Work to complete.
Find the line that contains "#126=VECTOR('',#125,1.);". Restate it and each following line exactly, through the end of the records.

Given entries START

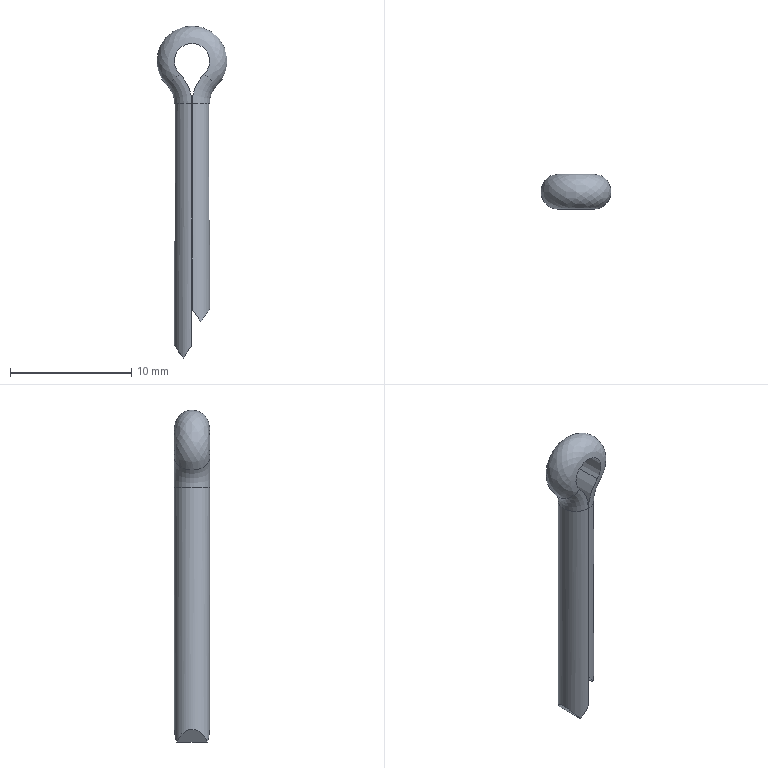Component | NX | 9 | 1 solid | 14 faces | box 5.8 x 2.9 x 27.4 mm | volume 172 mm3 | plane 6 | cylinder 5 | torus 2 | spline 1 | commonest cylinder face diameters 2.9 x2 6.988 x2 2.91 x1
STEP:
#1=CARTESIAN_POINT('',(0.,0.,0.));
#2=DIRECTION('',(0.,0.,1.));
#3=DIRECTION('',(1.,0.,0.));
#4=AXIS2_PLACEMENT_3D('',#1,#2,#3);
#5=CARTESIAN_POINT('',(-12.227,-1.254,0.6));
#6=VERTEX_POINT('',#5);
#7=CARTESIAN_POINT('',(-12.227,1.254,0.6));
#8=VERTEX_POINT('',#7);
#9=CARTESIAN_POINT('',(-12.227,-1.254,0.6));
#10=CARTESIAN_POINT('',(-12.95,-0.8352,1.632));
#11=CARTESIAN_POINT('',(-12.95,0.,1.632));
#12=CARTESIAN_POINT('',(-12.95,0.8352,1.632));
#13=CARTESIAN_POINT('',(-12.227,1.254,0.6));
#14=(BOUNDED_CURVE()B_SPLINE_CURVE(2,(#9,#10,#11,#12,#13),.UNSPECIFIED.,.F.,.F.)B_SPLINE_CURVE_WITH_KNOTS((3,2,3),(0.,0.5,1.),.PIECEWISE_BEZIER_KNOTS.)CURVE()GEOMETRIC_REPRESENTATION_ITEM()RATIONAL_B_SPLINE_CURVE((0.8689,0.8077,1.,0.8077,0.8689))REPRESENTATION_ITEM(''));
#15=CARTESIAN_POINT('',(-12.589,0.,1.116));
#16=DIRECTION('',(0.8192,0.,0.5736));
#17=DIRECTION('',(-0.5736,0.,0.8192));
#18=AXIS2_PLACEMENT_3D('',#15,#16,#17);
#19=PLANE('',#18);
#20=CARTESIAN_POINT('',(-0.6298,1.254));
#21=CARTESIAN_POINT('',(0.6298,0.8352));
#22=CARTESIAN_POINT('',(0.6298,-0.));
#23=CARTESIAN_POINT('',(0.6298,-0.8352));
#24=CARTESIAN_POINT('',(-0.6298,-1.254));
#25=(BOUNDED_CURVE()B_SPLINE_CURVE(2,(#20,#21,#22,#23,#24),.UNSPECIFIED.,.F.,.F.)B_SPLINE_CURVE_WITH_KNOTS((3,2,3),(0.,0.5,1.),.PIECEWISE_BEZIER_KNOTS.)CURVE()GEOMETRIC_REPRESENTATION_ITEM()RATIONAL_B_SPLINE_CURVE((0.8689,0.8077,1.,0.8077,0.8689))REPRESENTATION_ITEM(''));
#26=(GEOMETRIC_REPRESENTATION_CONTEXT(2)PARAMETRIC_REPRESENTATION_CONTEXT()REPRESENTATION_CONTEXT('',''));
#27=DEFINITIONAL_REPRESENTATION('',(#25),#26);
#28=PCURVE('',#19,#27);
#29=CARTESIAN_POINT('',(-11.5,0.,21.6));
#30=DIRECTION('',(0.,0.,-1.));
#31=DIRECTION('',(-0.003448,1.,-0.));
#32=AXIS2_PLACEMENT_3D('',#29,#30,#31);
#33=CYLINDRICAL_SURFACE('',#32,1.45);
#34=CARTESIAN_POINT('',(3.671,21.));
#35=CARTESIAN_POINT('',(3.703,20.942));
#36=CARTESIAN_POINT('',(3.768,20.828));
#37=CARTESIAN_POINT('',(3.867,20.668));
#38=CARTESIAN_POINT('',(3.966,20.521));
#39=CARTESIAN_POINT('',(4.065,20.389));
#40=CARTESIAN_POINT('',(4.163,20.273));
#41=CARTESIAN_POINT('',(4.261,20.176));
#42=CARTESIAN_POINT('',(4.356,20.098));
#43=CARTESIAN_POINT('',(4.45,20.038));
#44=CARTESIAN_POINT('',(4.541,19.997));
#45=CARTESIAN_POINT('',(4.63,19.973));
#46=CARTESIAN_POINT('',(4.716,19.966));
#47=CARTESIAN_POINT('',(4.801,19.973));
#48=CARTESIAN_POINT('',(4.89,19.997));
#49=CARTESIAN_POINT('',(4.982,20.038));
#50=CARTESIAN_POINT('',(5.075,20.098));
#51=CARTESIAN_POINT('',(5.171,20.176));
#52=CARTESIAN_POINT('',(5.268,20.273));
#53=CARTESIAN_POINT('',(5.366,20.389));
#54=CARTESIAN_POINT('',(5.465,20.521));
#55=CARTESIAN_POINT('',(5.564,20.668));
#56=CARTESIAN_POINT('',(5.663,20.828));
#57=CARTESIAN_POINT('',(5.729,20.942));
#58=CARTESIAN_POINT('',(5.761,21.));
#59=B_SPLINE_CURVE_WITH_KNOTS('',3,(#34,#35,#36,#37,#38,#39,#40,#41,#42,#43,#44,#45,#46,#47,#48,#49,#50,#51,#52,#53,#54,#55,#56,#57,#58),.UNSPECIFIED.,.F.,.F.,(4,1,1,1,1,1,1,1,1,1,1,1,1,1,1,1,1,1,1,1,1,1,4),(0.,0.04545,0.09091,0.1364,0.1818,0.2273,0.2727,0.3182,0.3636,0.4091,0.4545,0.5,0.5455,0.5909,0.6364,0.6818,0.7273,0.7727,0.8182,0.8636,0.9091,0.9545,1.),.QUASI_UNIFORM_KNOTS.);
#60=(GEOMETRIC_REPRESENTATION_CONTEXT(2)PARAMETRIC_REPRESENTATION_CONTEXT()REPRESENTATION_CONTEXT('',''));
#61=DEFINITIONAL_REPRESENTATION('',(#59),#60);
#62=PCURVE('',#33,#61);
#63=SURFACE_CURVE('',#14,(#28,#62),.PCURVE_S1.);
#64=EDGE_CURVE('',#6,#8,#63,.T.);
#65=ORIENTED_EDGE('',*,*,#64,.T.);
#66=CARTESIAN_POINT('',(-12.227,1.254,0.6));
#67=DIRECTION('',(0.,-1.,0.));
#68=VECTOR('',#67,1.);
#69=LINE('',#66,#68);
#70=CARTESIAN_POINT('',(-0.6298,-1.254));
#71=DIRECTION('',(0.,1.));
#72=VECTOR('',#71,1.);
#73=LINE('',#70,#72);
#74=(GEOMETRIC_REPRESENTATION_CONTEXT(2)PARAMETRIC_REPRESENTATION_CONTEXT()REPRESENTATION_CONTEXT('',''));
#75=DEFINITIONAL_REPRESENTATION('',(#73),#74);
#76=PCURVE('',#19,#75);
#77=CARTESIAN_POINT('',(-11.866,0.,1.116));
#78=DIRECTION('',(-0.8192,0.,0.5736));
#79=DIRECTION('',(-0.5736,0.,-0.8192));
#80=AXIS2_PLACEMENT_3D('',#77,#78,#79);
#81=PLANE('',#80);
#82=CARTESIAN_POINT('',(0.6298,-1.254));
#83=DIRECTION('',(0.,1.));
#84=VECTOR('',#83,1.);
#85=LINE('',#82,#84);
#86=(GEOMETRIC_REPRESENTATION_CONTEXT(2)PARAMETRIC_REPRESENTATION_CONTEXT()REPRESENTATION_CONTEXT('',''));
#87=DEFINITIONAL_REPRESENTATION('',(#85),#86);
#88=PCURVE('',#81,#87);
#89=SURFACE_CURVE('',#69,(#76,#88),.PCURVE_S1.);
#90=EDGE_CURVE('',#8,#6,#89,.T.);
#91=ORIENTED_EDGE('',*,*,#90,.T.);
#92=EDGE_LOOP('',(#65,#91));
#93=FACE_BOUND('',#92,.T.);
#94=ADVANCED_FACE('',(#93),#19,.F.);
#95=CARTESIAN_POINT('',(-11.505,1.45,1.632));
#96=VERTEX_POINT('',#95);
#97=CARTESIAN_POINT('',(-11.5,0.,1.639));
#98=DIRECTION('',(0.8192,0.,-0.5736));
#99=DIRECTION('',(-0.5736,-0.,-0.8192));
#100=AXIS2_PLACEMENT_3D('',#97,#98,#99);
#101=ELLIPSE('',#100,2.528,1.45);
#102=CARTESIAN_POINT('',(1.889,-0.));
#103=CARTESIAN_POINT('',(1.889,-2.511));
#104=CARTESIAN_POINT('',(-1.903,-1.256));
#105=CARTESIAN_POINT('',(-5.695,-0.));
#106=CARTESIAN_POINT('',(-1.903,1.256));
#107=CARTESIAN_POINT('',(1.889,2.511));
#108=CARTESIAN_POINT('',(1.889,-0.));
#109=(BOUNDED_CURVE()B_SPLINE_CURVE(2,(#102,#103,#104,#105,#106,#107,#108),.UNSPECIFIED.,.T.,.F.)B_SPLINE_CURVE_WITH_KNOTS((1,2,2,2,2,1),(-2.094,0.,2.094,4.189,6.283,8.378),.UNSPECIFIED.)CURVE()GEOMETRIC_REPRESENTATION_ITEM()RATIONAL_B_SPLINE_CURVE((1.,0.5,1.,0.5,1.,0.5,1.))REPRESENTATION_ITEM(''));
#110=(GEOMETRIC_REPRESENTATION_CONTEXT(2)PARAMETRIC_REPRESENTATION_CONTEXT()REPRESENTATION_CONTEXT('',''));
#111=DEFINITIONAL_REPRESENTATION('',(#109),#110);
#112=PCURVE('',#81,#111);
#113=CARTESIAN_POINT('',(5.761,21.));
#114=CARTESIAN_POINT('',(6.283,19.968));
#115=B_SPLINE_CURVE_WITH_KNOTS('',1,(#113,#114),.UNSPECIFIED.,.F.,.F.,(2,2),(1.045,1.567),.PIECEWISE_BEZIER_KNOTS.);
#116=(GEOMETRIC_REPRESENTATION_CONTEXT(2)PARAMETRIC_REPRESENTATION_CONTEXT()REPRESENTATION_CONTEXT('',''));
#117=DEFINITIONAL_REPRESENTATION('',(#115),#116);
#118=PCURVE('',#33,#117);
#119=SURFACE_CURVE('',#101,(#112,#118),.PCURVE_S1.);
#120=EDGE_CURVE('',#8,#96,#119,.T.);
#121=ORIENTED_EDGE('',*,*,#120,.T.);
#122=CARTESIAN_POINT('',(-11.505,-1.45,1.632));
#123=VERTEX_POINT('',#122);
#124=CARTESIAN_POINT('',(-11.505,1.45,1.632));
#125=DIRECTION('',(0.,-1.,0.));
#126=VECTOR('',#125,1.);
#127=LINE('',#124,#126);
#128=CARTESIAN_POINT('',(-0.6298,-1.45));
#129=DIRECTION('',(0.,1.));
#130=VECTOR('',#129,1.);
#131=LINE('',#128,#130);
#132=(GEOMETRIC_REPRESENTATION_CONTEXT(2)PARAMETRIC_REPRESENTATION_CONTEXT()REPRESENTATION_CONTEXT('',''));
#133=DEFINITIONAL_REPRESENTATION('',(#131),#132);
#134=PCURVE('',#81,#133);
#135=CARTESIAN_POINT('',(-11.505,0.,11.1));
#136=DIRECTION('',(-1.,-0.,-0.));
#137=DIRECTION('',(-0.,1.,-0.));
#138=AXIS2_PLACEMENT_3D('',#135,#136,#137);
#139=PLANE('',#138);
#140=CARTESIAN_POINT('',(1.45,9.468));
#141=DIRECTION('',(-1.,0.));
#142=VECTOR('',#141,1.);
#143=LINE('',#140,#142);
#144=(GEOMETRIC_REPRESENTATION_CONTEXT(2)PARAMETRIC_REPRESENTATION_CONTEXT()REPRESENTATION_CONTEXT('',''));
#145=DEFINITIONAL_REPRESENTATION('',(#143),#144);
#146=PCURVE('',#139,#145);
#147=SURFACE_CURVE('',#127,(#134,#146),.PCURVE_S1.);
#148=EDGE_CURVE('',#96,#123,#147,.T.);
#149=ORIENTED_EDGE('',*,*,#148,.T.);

Given entries END

Result of the exercise.
#126=VECTOR('',#125,1.);
#127=LINE('',#124,#126);
#128=CARTESIAN_POINT('',(-0.6298,-1.45));
#129=DIRECTION('',(0.,1.));
#130=VECTOR('',#129,1.);
#131=LINE('',#128,#130);
#132=(GEOMETRIC_REPRESENTATION_CONTEXT(2)PARAMETRIC_REPRESENTATION_CONTEXT()REPRESENTATION_CONTEXT('',''));
#133=DEFINITIONAL_REPRESENTATION('',(#131),#132);
#134=PCURVE('',#81,#133);
#135=CARTESIAN_POINT('',(-11.505,0.,11.1));
#136=DIRECTION('',(-1.,-0.,-0.));
#137=DIRECTION('',(-0.,1.,-0.));
#138=AXIS2_PLACEMENT_3D('',#135,#136,#137);
#139=PLANE('',#138);
#140=CARTESIAN_POINT('',(1.45,9.468));
#141=DIRECTION('',(-1.,0.));
#142=VECTOR('',#141,1.);
#143=LINE('',#140,#142);
#144=(GEOMETRIC_REPRESENTATION_CONTEXT(2)PARAMETRIC_REPRESENTATION_CONTEXT()REPRESENTATION_CONTEXT('',''));
#145=DEFINITIONAL_REPRESENTATION('',(#143),#144);
#146=PCURVE('',#139,#145);
#147=SURFACE_CURVE('',#127,(#134,#146),.PCURVE_S1.);
#148=EDGE_CURVE('',#96,#123,#147,.T.);
#149=ORIENTED_EDGE('',*,*,#148,.T.);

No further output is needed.